Please repeat the lines below exactly. Begin with the line containing "#171=DIRECTION('',(0.,1.,0.));" and go on through the line containing "#177=VERTEX_POINT('',#176);".

--- START ---

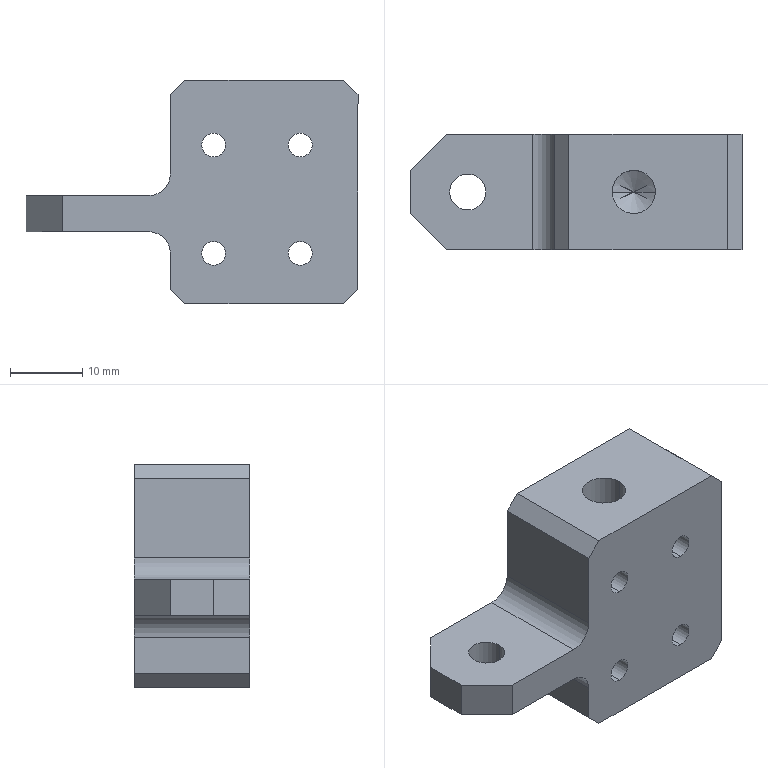Component | SolidWorks | XM-02-009A1-1 | 1 solid | 32 faces | box 46 x 16 x 31 mm | volume 13204 mm3 | plane 16 | cylinder 14 | cone 2 | commonest cylinder face diameters 3.3 x8 6 x4 5 x2 | material 45#
build123d program:
from build123d import *

# Parameters (mm, degrees)
SKETCH17_W            = 46
SKETCH17_H            = 5
BOSS_EXTRUDE1_DEPTH   = 16
SKETCH19_W            = 26
SKETCH19_H            = 16
BOSS_EXTRUDE2_DEPTH   = 16
M5_TAPPED_HOLE1_D     = 5
M6_TAPPED_HOLE1_D     = 6
M6_TAPPED_HOLE1_DEPTH = 15.5
M6_TAPPED_HOLE1_TIP   = 1.803
SKETCH30_W            = 26
SKETCH30_H            = 16
BOSS_EXTRUDE3_DEPTH   = 10
M4_TAPPED_HOLE2_D     = 3.3
CHAMFER1_SIZE         = 5
FILLET1_R             = 3
CHAMFER2_SIZE         = 2


with BuildPart() as part:
    # Sketch17 → Boss-Extrude1 (new body)
    with BuildSketch(Plane.XZ):
        with Locations((-23, 2.5)):
            Rectangle(SKETCH17_W, SKETCH17_H)
    extrude(amount=BOSS_EXTRUDE1_DEPTH)

    # Sketch19 → Boss-Extrude2 (add)
    with BuildSketch(Plane.XY.offset(5)):
        with Locations((-13, -8)):
            Rectangle(SKETCH19_W, SKETCH19_H)
    extrude(amount=BOSS_EXTRUDE2_DEPTH)

    # M5 Tapped Hole1 (through all)
    with Locations(Plane(origin=(0, 0, 0), x_dir=(-1, 0, 0), z_dir=(0, 0, -1))):
        with Locations((38, -8)):
            Hole(M5_TAPPED_HOLE1_D / 2)

    # M6 Tapped Hole1
    with Locations(Plane.XY.offset(21)):
        with Locations((-15, -8)):
            Hole(M6_TAPPED_HOLE1_D / 2, depth=M6_TAPPED_HOLE1_DEPTH)
            with Locations((0, 0, -(M6_TAPPED_HOLE1_DEPTH + M6_TAPPED_HOLE1_TIP / 2))):  # 118° drill point
                Cone(0, M6_TAPPED_HOLE1_D / 2, M6_TAPPED_HOLE1_TIP, mode=Mode.SUBTRACT)

    # Sketch30 → Boss-Extrude3 (add)
    with BuildSketch(Plane(origin=(0, 0, 0), x_dir=(-1, 0, 0), z_dir=(0, 0, -1))):
        with Locations((13, -8)):
            Rectangle(SKETCH30_W, SKETCH30_H)
    extrude(amount=BOSS_EXTRUDE3_DEPTH)

    # M4 Tapped Hole2 (through all)
    with Locations(Plane(origin=(0, 0, 0), x_dir=(1, 0, 0), z_dir=(0, 1, 0))):
        with Locations((-20, -12), (-8, -12), (-8, 3), (-20, 3)):
            Hole(M4_TAPPED_HOLE2_D / 2)

    # Chamfer1
    chamfer1_edges = [part.edges().sort_by_distance(p)[0] for p in [
        (-46, -16, 2.5),
        (-46, 0, 2.5),
    ]]
    chamfer(chamfer1_edges, length=CHAMFER1_SIZE)

    # Fillet1
    fillet1_edges = [part.edges().sort_by_distance(p)[0] for p in [
        (-26, -8, 5),
        (-26, -8, 0),
    ]]
    fillet(fillet1_edges, radius=FILLET1_R)

    # Chamfer2
    chamfer2_edges = [part.edges().sort_by_distance(p)[0] for p in [
        (-26, -8, 21),
        (0, -8, 21),
        (0, -8, -10),
        (-26, -8, -10),
    ]]
    chamfer(chamfer2_edges, length=CHAMFER2_SIZE)


solid = part.part

# Placed as in the assembly
solid = solid.moved(Location((-39, -3, -28), (0, 0, 0)))
STEP:
#1=COLOUR_RGB('',0.7922,0.8196,0.9333);
#2=FILL_AREA_STYLE_COLOUR('',#1);
#3=FILL_AREA_STYLE('',(#2));
#4=SURFACE_STYLE_FILL_AREA(#3);
#5=SURFACE_SIDE_STYLE('',(#4));
#6=SURFACE_STYLE_USAGE(.BOTH.,#5);
#7=PRESENTATION_STYLE_ASSIGNMENT((#6));
#8=CARTESIAN_POINT('',(-2.323,-0.748,-0.6949));
#9=VERTEX_POINT('',#8);
#10=CARTESIAN_POINT('',(-2.323,-0.748,-0.565));
#11=VERTEX_POINT('',#10);
#12=CARTESIAN_POINT('',(-2.323,-0.748,-0.6299));
#13=DIRECTION('',(0.,1.,0.));
#14=DIRECTION('',(0.,0.,1.));
#15=AXIS2_PLACEMENT_3D('',#12,#13,#14);
#16=CIRCLE('',#15,0.06496);
#17=EDGE_CURVE('',#9,#11,#16,.T.);
#18=ORIENTED_EDGE('',*,*,#17,.F.);
#19=CARTESIAN_POINT('',(-2.323,-0.1181,-0.6949));
#20=VERTEX_POINT('',#19);
#21=CARTESIAN_POINT('',(-2.323,-0.1181,-0.6949));
#22=DIRECTION('',(0.,1.,0.));
#23=VECTOR('',#22,39.37);
#24=LINE('',#21,#23);
#25=EDGE_CURVE('',#9,#20,#24,.T.);
#26=ORIENTED_EDGE('',*,*,#25,.T.);
#27=CARTESIAN_POINT('',(-2.323,-0.1181,-0.565));
#28=VERTEX_POINT('',#27);
#29=CARTESIAN_POINT('',(-2.323,-0.1181,-0.6299));
#30=DIRECTION('',(0.,1.,0.));
#31=DIRECTION('',(0.,0.,1.));
#32=AXIS2_PLACEMENT_3D('',#29,#30,#31);
#33=CIRCLE('',#32,0.06496);
#34=EDGE_CURVE('',#20,#28,#33,.T.);
#35=ORIENTED_EDGE('',*,*,#34,.T.);
#36=CARTESIAN_POINT('',(-2.323,-0.1181,-0.565));
#37=DIRECTION('',(0.,1.,0.));
#38=VECTOR('',#37,39.37);
#39=LINE('',#36,#38);
#40=EDGE_CURVE('',#11,#28,#39,.T.);
#41=ORIENTED_EDGE('',*,*,#40,.F.);
#42=EDGE_LOOP('',(#18,#26,#35,#41));
#43=FACE_OUTER_BOUND('',#42,.T.);
#44=CARTESIAN_POINT('',(-2.323,-0.1181,-0.6299));
#45=DIRECTION('',(0.,1.,0.));
#46=DIRECTION('',(0.,0.,1.));
#47=AXIS2_PLACEMENT_3D('',#44,#45,#46);
#48=CYLINDRICAL_SURFACE('',#47,0.06496);
#49=ADVANCED_FACE('',(#43),#48,.F.);
#50=CARTESIAN_POINT('',(-1.85,-0.748,-0.6949));
#51=VERTEX_POINT('',#50);
#52=CARTESIAN_POINT('',(-1.85,-0.748,-0.565));
#53=VERTEX_POINT('',#52);
#54=CARTESIAN_POINT('',(-1.85,-0.748,-0.6299));
#55=DIRECTION('',(0.,1.,0.));
#56=DIRECTION('',(0.,0.,1.));
#57=AXIS2_PLACEMENT_3D('',#54,#55,#56);
#58=CIRCLE('',#57,0.06496);
#59=EDGE_CURVE('',#51,#53,#58,.T.);
#60=ORIENTED_EDGE('',*,*,#59,.F.);
#61=CARTESIAN_POINT('',(-1.85,-0.1181,-0.6949));
#62=VERTEX_POINT('',#61);
#63=CARTESIAN_POINT('',(-1.85,-0.1181,-0.6949));
#64=DIRECTION('',(0.,1.,0.));
#65=VECTOR('',#64,39.37);
#66=LINE('',#63,#65);
#67=EDGE_CURVE('',#51,#62,#66,.T.);
#68=ORIENTED_EDGE('',*,*,#67,.T.);
#69=CARTESIAN_POINT('',(-1.85,-0.1181,-0.565));
#70=VERTEX_POINT('',#69);
#71=CARTESIAN_POINT('',(-1.85,-0.1181,-0.6299));
#72=DIRECTION('',(0.,1.,0.));
#73=DIRECTION('',(0.,0.,1.));
#74=AXIS2_PLACEMENT_3D('',#71,#72,#73);
#75=CIRCLE('',#74,0.06496);
#76=EDGE_CURVE('',#62,#70,#75,.T.);
#77=ORIENTED_EDGE('',*,*,#76,.T.);
#78=CARTESIAN_POINT('',(-1.85,-0.1181,-0.565));
#79=DIRECTION('',(0.,1.,0.));
#80=VECTOR('',#79,39.37);
#81=LINE('',#78,#80);
#82=EDGE_CURVE('',#53,#70,#81,.T.);
#83=ORIENTED_EDGE('',*,*,#82,.F.);
#84=EDGE_LOOP('',(#60,#68,#77,#83));
#85=FACE_OUTER_BOUND('',#84,.T.);
#86=CARTESIAN_POINT('',(-1.85,-0.1181,-0.6299));
#87=DIRECTION('',(0.,1.,0.));
#88=DIRECTION('',(0.,0.,1.));
#89=AXIS2_PLACEMENT_3D('',#86,#87,#88);
#90=CYLINDRICAL_SURFACE('',#89,0.06496);
#91=ADVANCED_FACE('',(#85),#90,.F.);
#92=CARTESIAN_POINT('',(-1.85,-0.748,-1.285));
#93=VERTEX_POINT('',#92);
#94=CARTESIAN_POINT('',(-1.85,-0.748,-1.156));
#95=VERTEX_POINT('',#94);
#96=CARTESIAN_POINT('',(-1.85,-0.748,-1.22));
#97=DIRECTION('',(0.,1.,0.));
#98=DIRECTION('',(0.,0.,1.));
#99=AXIS2_PLACEMENT_3D('',#96,#97,#98);
#100=CIRCLE('',#99,0.06496);
#101=EDGE_CURVE('',#93,#95,#100,.T.);
#102=ORIENTED_EDGE('',*,*,#101,.F.);
#103=CARTESIAN_POINT('',(-1.85,-0.1181,-1.285));
#104=VERTEX_POINT('',#103);
#105=CARTESIAN_POINT('',(-1.85,-0.1181,-1.285));
#106=DIRECTION('',(0.,1.,0.));
#107=VECTOR('',#106,39.37);
#108=LINE('',#105,#107);
#109=EDGE_CURVE('',#93,#104,#108,.T.);
#110=ORIENTED_EDGE('',*,*,#109,.T.);
#111=CARTESIAN_POINT('',(-1.85,-0.1181,-1.156));
#112=VERTEX_POINT('',#111);
#113=CARTESIAN_POINT('',(-1.85,-0.1181,-1.22));
#114=DIRECTION('',(0.,1.,0.));
#115=DIRECTION('',(0.,0.,1.));
#116=AXIS2_PLACEMENT_3D('',#113,#114,#115);
#117=CIRCLE('',#116,0.06496);
#118=EDGE_CURVE('',#104,#112,#117,.T.);
#119=ORIENTED_EDGE('',*,*,#118,.T.);
#120=CARTESIAN_POINT('',(-1.85,-0.1181,-1.156));
#121=DIRECTION('',(0.,1.,0.));
#122=VECTOR('',#121,39.37);
#123=LINE('',#120,#122);
#124=EDGE_CURVE('',#95,#112,#123,.T.);
#125=ORIENTED_EDGE('',*,*,#124,.F.);
#126=EDGE_LOOP('',(#102,#110,#119,#125));
#127=FACE_OUTER_BOUND('',#126,.T.);
#128=CARTESIAN_POINT('',(-1.85,-0.1181,-1.22));
#129=DIRECTION('',(0.,1.,0.));
#130=DIRECTION('',(0.,0.,1.));
#131=AXIS2_PLACEMENT_3D('',#128,#129,#130);
#132=CYLINDRICAL_SURFACE('',#131,0.06496);
#133=ADVANCED_FACE('',(#127),#132,.F.);
#134=CARTESIAN_POINT('',(-2.323,-0.748,-1.285));
#135=VERTEX_POINT('',#134);
#136=CARTESIAN_POINT('',(-2.323,-0.748,-1.156));
#137=VERTEX_POINT('',#136);
#138=CARTESIAN_POINT('',(-2.323,-0.748,-1.22));
#139=DIRECTION('',(0.,1.,0.));
#140=DIRECTION('',(0.,0.,1.));
#141=AXIS2_PLACEMENT_3D('',#138,#139,#140);
#142=CIRCLE('',#141,0.06496);
#143=EDGE_CURVE('',#135,#137,#142,.T.);
#144=ORIENTED_EDGE('',*,*,#143,.F.);
#145=CARTESIAN_POINT('',(-2.323,-0.1181,-1.285));
#146=VERTEX_POINT('',#145);
#147=CARTESIAN_POINT('',(-2.323,-0.1181,-1.285));
#148=DIRECTION('',(0.,1.,0.));
#149=VECTOR('',#148,39.37);
#150=LINE('',#147,#149);
#151=EDGE_CURVE('',#135,#146,#150,.T.);
#152=ORIENTED_EDGE('',*,*,#151,.T.);
#153=CARTESIAN_POINT('',(-2.323,-0.1181,-1.156));
#154=VERTEX_POINT('',#153);
#155=CARTESIAN_POINT('',(-2.323,-0.1181,-1.22));
#156=DIRECTION('',(0.,1.,0.));
#157=DIRECTION('',(0.,0.,1.));
#158=AXIS2_PLACEMENT_3D('',#155,#156,#157);
#159=CIRCLE('',#158,0.06496);
#160=EDGE_CURVE('',#146,#154,#159,.T.);
#161=ORIENTED_EDGE('',*,*,#160,.T.);
#162=CARTESIAN_POINT('',(-2.323,-0.1181,-1.156));
#163=DIRECTION('',(0.,1.,0.));
#164=VECTOR('',#163,39.37);
#165=LINE('',#162,#164);
#166=EDGE_CURVE('',#137,#154,#165,.T.);
#167=ORIENTED_EDGE('',*,*,#166,.F.);
#168=EDGE_LOOP('',(#144,#152,#161,#167));
#169=FACE_OUTER_BOUND('',#168,.T.);
#170=CARTESIAN_POINT('',(-2.323,-0.1181,-1.22));
#171=DIRECTION('',(0.,1.,0.));
#172=DIRECTION('',(0.,0.,1.));
#173=AXIS2_PLACEMENT_3D('',#170,#171,#172);
#174=CYLINDRICAL_SURFACE('',#173,0.06496);
#175=ADVANCED_FACE('',(#169),#174,.F.);
#176=CARTESIAN_POINT('',(-2.244,-0.4331,-0.8858));
#177=VERTEX_POINT('',#176);
#178=CARTESIAN_POINT('',(-2.008,-0.4331,-0.8858));
#179=VERTEX_POINT('',#178);
#180=CARTESIAN_POINT('',(-2.126,-0.4331,-0.8858));
#181=DIRECTION('',(0.,0.,1.));
#182=DIRECTION('',(1.,0.,0.));
#183=AXIS2_PLACEMENT_3D('',#180,#181,#182);
#184=CIRCLE('',#183,0.1181);
#185=EDGE_CURVE('',#177,#179,#184,.T.);
#186=ORIENTED_EDGE('',*,*,#185,.F.);
#187=CARTESIAN_POINT('',(-2.244,-0.4331,-0.2756));
#188=VERTEX_POINT('',#187);
#189=CARTESIAN_POINT('',(-2.244,-0.4331,-0.2756));
#190=DIRECTION('',(0.,0.,1.));
#191=VECTOR('',#190,39.37);
#192=LINE('',#189,#191);
#193=EDGE_CURVE('',#177,#188,#192,.T.);
#194=ORIENTED_EDGE('',*,*,#193,.T.);
#195=CARTESIAN_POINT('',(-2.008,-0.4331,-0.2756));
#196=VERTEX_POINT('',#195);
#197=CARTESIAN_POINT('',(-2.126,-0.4331,-0.2756));
#198=DIRECTION('',(0.,0.,1.));
#199=DIRECTION('',(1.,0.,0.));
#200=AXIS2_PLACEMENT_3D('',#197,#198,#199);
#201=CIRCLE('',#200,0.1181);
#202=EDGE_CURVE('',#188,#196,#201,.T.);
#203=ORIENTED_EDGE('',*,*,#202,.T.);
#204=CARTESIAN_POINT('',(-2.008,-0.4331,-0.2756));
#205=DIRECTION('',(0.,0.,1.));
#206=VECTOR('',#205,39.37);
#207=LINE('',#204,#206);
#208=EDGE_CURVE('',#179,#196,#207,.T.);
#209=ORIENTED_EDGE('',*,*,#208,.F.);
#210=EDGE_LOOP('',(#186,#194,#203,#209));
#211=FACE_OUTER_BOUND('',#210,.T.);
#212=CARTESIAN_POINT('',(-2.126,-0.4331,-0.2756));
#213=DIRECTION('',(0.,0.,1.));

--- END ---

### Written answer
#171=DIRECTION('',(0.,1.,0.));
#172=DIRECTION('',(0.,0.,1.));
#173=AXIS2_PLACEMENT_3D('',#170,#171,#172);
#174=CYLINDRICAL_SURFACE('',#173,0.06496);
#175=ADVANCED_FACE('',(#169),#174,.F.);
#176=CARTESIAN_POINT('',(-2.244,-0.4331,-0.8858));
#177=VERTEX_POINT('',#176);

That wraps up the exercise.